(Records from a data collection)
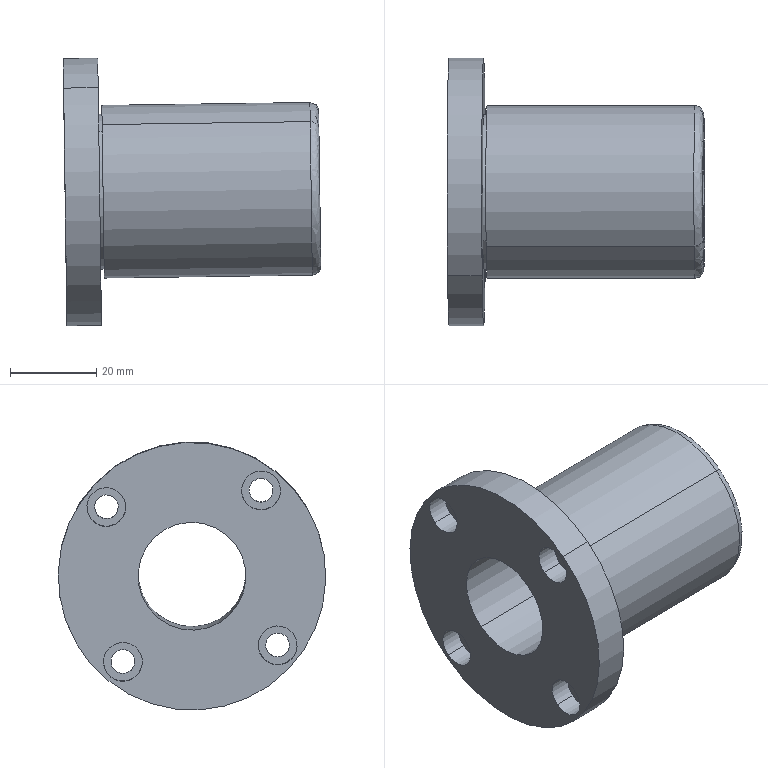Component | SolidWorks | DA-0220-LHFR25-18 | 1 solid | 34 faces | box 59.68 x 62 x 62.11 mm | volume 57411 mm3 | cylinder 24 | plane 8 | spline 2 | commonest cylinder face diameters 5.5 x8 9 x8 40 x2 36 x2 25 x2 62 x2
STEP:
#1=CARTESIAN_POINT('',(34.201,-7.018,18.749));
#2=VERTEX_POINT('',#1);
#3=CARTESIAN_POINT('',(34.218,-6.029,17.524));
#4=VERTEX_POINT('',#3);
#5=CARTESIAN_POINT('',(34.209,-6.524,18.137));
#6=DIRECTION('',(-0.9999,-0.000404,-0.01395));
#7=DIRECTION('',(-0.01061,-0.628,0.7781));
#8=AXIS2_PLACEMENT_3D('',#5,#6,#7);
#9=CIRCLE('',#8,0.7874);
#10=EDGE_CURVE('',#2,#4,#9,.T.);
#11=ORIENTED_EDGE('',*,*,#10,.F.);
#12=CARTESIAN_POINT('',(34.28,-6.969,18.689));
#13=VERTEX_POINT('',#12);
#14=CARTESIAN_POINT('',(34.202,-6.969,18.688));
#15=DIRECTION('',(-0.009077,0.7782,0.6279));
#16=DIRECTION('',(-0.01061,-0.628,0.7781));
#17=AXIS2_PLACEMENT_3D('',#14,#15,#16);
#18=CIRCLE('',#17,0.07874);
#19=EDGE_CURVE('',#2,#13,#18,.T.);
#20=ORIENTED_EDGE('',*,*,#19,.T.);
#21=CARTESIAN_POINT('',(34.295,-6.079,17.586));
#22=VERTEX_POINT('',#21);
#23=CARTESIAN_POINT('',(34.28,-6.969,18.689));
#24=CARTESIAN_POINT('',(34.268,-5.866,19.579));
#25=CARTESIAN_POINT('',(34.283,-4.976,18.476));
#26=CARTESIAN_POINT('',(34.295,-6.079,17.586));
#27=(BOUNDED_CURVE()B_SPLINE_CURVE(3,(#23,#24,#25,#26),.UNSPECIFIED.,.F.,.F.)B_SPLINE_CURVE_WITH_KNOTS((4,4),(0.,1.),.UNSPECIFIED.)CURVE()GEOMETRIC_REPRESENTATION_ITEM()RATIONAL_B_SPLINE_CURVE((1.,0.3333,0.3333,1.))REPRESENTATION_ITEM(''));
#28=EDGE_CURVE('',#13,#22,#27,.T.);
#29=ORIENTED_EDGE('',*,*,#28,.T.);
#30=CARTESIAN_POINT('',(34.217,-6.079,17.585));
#31=DIRECTION('',(0.009077,-0.7782,-0.6279));
#32=DIRECTION('',(0.01061,0.628,-0.7781));
#33=AXIS2_PLACEMENT_3D('',#30,#31,#32);
#34=CIRCLE('',#33,0.07874);
#35=EDGE_CURVE('',#4,#22,#34,.T.);
#36=ORIENTED_EDGE('',*,*,#35,.F.);
#37=EDGE_LOOP('',(#11,#20,#29,#36));
#38=FACE_OUTER_BOUND('',#37,.T.);
#39=CARTESIAN_POINT('',(34.201,-7.018,18.749));
#40=CARTESIAN_POINT('',(34.187,-5.793,19.738));
#41=CARTESIAN_POINT('',(34.203,-4.804,18.513));
#42=CARTESIAN_POINT('',(34.218,-6.029,17.524));
#43=CARTESIAN_POINT('',(34.247,-7.018,18.75));
#44=CARTESIAN_POINT('',(34.233,-5.793,19.739));
#45=CARTESIAN_POINT('',(34.249,-4.804,18.513));
#46=CARTESIAN_POINT('',(34.264,-6.029,17.525));
#47=CARTESIAN_POINT('',(34.28,-6.998,18.725));
#48=CARTESIAN_POINT('',(34.266,-5.823,19.673));
#49=CARTESIAN_POINT('',(34.282,-4.875,18.498));
#50=CARTESIAN_POINT('',(34.296,-6.05,17.55));
#51=CARTESIAN_POINT('',(34.28,-6.969,18.689));
#52=CARTESIAN_POINT('',(34.268,-5.866,19.579));
#53=CARTESIAN_POINT('',(34.283,-4.976,18.476));
#54=CARTESIAN_POINT('',(34.295,-6.079,17.586));
#55=(BOUNDED_SURFACE()B_SPLINE_SURFACE(3,3,((#39,#40,#41,#42),(#43,#44,#45,#46),(#47,#48,#49,#50),(#51,#52,#53,#54)),.UNSPECIFIED.,.F.,.F.,.T.)B_SPLINE_SURFACE_WITH_KNOTS((4,4),(4,4),(0.,1.),(0.,1.),.UNSPECIFIED.)GEOMETRIC_REPRESENTATION_ITEM()RATIONAL_B_SPLINE_SURFACE(((1.,0.3333,0.3333,1.),(0.8047,0.2682,0.2682,0.8047),(0.8047,0.2682,0.2682,0.8047),(1.,0.3333,0.3333,1.)))REPRESENTATION_ITEM('')SURFACE());
#56=ADVANCED_FACE('',(#38),#55,.T.);
#57=CARTESIAN_POINT('',(32.303,-7.019,18.723));
#58=VERTEX_POINT('',#57);
#59=CARTESIAN_POINT('',(32.32,-6.03,17.497));
#60=VERTEX_POINT('',#59);
#61=CARTESIAN_POINT('',(32.312,-6.524,18.11));
#62=DIRECTION('',(0.9999,0.000404,0.01395));
#63=DIRECTION('',(-0.01061,-0.628,0.7781));
#64=AXIS2_PLACEMENT_3D('',#61,#62,#63);
#65=CIRCLE('',#64,0.7874);
#66=EDGE_CURVE('',#58,#60,#65,.T.);
#67=ORIENTED_EDGE('',*,*,#66,.T.);
#68=CARTESIAN_POINT('',(33.269,-6.03,17.511));
#69=DIRECTION('',(0.9999,0.000404,0.01395));
#70=VECTOR('',#69,39.37);
#71=LINE('',#68,#70);
#72=EDGE_CURVE('',#60,#4,#71,.T.);
#73=ORIENTED_EDGE('',*,*,#72,.T.);
#74=CARTESIAN_POINT('',(34.209,-6.524,18.137));
#75=DIRECTION('',(-0.9999,-0.000404,-0.01395));
#76=DIRECTION('',(-0.01061,-0.628,0.7781));
#77=AXIS2_PLACEMENT_3D('',#74,#75,#76);
#78=CIRCLE('',#77,0.7874);
#79=EDGE_CURVE('',#4,#2,#78,.T.);
#80=ORIENTED_EDGE('',*,*,#79,.T.);
#81=CARTESIAN_POINT('',(33.252,-7.018,18.736));
#82=DIRECTION('',(0.9999,0.000404,0.01395));
#83=VECTOR('',#82,39.37);
#84=LINE('',#81,#83);
#85=EDGE_CURVE('',#58,#2,#84,.T.);
#86=ORIENTED_EDGE('',*,*,#85,.F.);
#87=EDGE_LOOP('',(#67,#73,#80,#86));
#88=FACE_OUTER_BOUND('',#87,.T.);
#89=CARTESIAN_POINT('',(33.26,-6.524,18.123));
#90=DIRECTION('',(0.9999,0.000404,0.01395));
#91=DIRECTION('',(-0.01061,-0.628,0.7781));
#92=AXIS2_PLACEMENT_3D('',#89,#90,#91);
#93=CYLINDRICAL_SURFACE('',#92,0.7874);
#94=ADVANCED_FACE('',(#88),#93,.T.);
#95=CARTESIAN_POINT('',(32.273,-6.969,18.661));
#96=VERTEX_POINT('',#95);
#97=CARTESIAN_POINT('',(32.288,-6.079,17.558));
#98=VERTEX_POINT('',#97);
#99=CARTESIAN_POINT('',(32.28,-6.524,18.11));
#100=DIRECTION('',(0.9999,0.000404,0.01395));
#101=DIRECTION('',(-0.01061,-0.628,0.7781));
#102=AXIS2_PLACEMENT_3D('',#99,#100,#101);
#103=CIRCLE('',#102,0.7087);
#104=EDGE_CURVE('',#96,#98,#103,.T.);
#105=ORIENTED_EDGE('',*,*,#104,.T.);
#106=CARTESIAN_POINT('',(32.319,-6.079,17.559));
#107=VERTEX_POINT('',#106);
#108=CARTESIAN_POINT('',(32.304,-6.079,17.558));
#109=DIRECTION('',(0.9999,0.000404,0.01395));
#110=VECTOR('',#109,39.37);
#111=LINE('',#108,#110);
#112=EDGE_CURVE('',#98,#107,#111,.T.);
#113=ORIENTED_EDGE('',*,*,#112,.T.);
#114=CARTESIAN_POINT('',(32.304,-6.969,18.662));
#115=VERTEX_POINT('',#114);
#116=CARTESIAN_POINT('',(32.312,-6.524,18.11));
#117=DIRECTION('',(0.9999,0.000404,0.01395));
#118=DIRECTION('',(-0.01061,-0.628,0.7781));
#119=AXIS2_PLACEMENT_3D('',#116,#117,#118);
#120=CIRCLE('',#119,0.7087);
#121=EDGE_CURVE('',#115,#107,#120,.T.);
#122=ORIENTED_EDGE('',*,*,#121,.F.);
#123=CARTESIAN_POINT('',(32.289,-6.969,18.661));
#124=DIRECTION('',(0.9999,0.000404,0.01395));
#125=VECTOR('',#124,39.37);
#126=LINE('',#123,#125);
#127=EDGE_CURVE('',#96,#115,#126,.T.);
#128=ORIENTED_EDGE('',*,*,#127,.F.);
#129=EDGE_LOOP('',(#105,#113,#122,#128));
#130=FACE_OUTER_BOUND('',#129,.T.);
#131=CARTESIAN_POINT('',(32.296,-6.524,18.11));
#132=DIRECTION('',(0.9999,0.000404,0.01395));
#133=DIRECTION('',(-0.01061,-0.628,0.7781));
#134=AXIS2_PLACEMENT_3D('',#131,#132,#133);
#135=CYLINDRICAL_SURFACE('',#134,0.7087);
#136=ADVANCED_FACE('',(#130),#135,.T.);
#137=CARTESIAN_POINT('',(31.971,-6.215,17.722));
#138=VERTEX_POINT('',#137);
#139=CARTESIAN_POINT('',(31.96,-6.834,18.488));
#140=VERTEX_POINT('',#139);
#141=CARTESIAN_POINT('',(31.965,-6.525,18.105));
#142=DIRECTION('',(0.9999,0.000404,0.01395));
#143=DIRECTION('',(-0.01061,-0.628,0.7781));
#144=AXIS2_PLACEMENT_3D('',#141,#142,#143);
#145=CIRCLE('',#144,0.4921);
#146=EDGE_CURVE('',#138,#140,#145,.T.);
#147=ORIENTED_EDGE('',*,*,#146,.F.);
#148=CARTESIAN_POINT('',(34.293,-6.215,17.755));
#149=VERTEX_POINT('',#148);
#150=CARTESIAN_POINT('',(33.132,-6.215,17.739));
#151=DIRECTION('',(0.9999,0.000404,0.01395));
#152=VECTOR('',#151,39.37);
#153=LINE('',#150,#152);
#154=EDGE_CURVE('',#138,#149,#153,.T.);
#155=ORIENTED_EDGE('',*,*,#154,.T.);
#156=CARTESIAN_POINT('',(34.283,-6.833,18.521));
#157=VERTEX_POINT('',#156);
#158=CARTESIAN_POINT('',(34.288,-6.524,18.138));
#159=DIRECTION('',(-0.9999,-0.000404,-0.01395));
#160=DIRECTION('',(-0.01061,-0.628,0.7781));
#161=AXIS2_PLACEMENT_3D('',#158,#159,#160);
#162=CIRCLE('',#161,0.4921);
#163=EDGE_CURVE('',#157,#149,#162,.T.);
#164=ORIENTED_EDGE('',*,*,#163,.F.);
#165=CARTESIAN_POINT('',(33.121,-6.833,18.504));
#166=DIRECTION('',(0.9999,0.000404,0.01395));
#167=VECTOR('',#166,39.37);
#168=LINE('',#165,#167);
#169=EDGE_CURVE('',#140,#157,#168,.T.);
#170=ORIENTED_EDGE('',*,*,#169,.F.);
#171=EDGE_LOOP('',(#147,#155,#164,#170));
#172=FACE_OUTER_BOUND('',#171,.T.);
#173=CARTESIAN_POINT('',(33.127,-6.524,18.122));
#174=DIRECTION('',(0.9999,0.000404,0.01395));
#175=DIRECTION('',(-0.01061,-0.628,0.7781));
#176=AXIS2_PLACEMENT_3D('',#173,#174,#175);
#177=CYLINDRICAL_SURFACE('',#176,0.4921);
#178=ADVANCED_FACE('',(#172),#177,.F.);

* Problem to solve *
Looking at the entries above, report how many of their lines include "VECTOR", and add nothing else.

* Result of the task *
6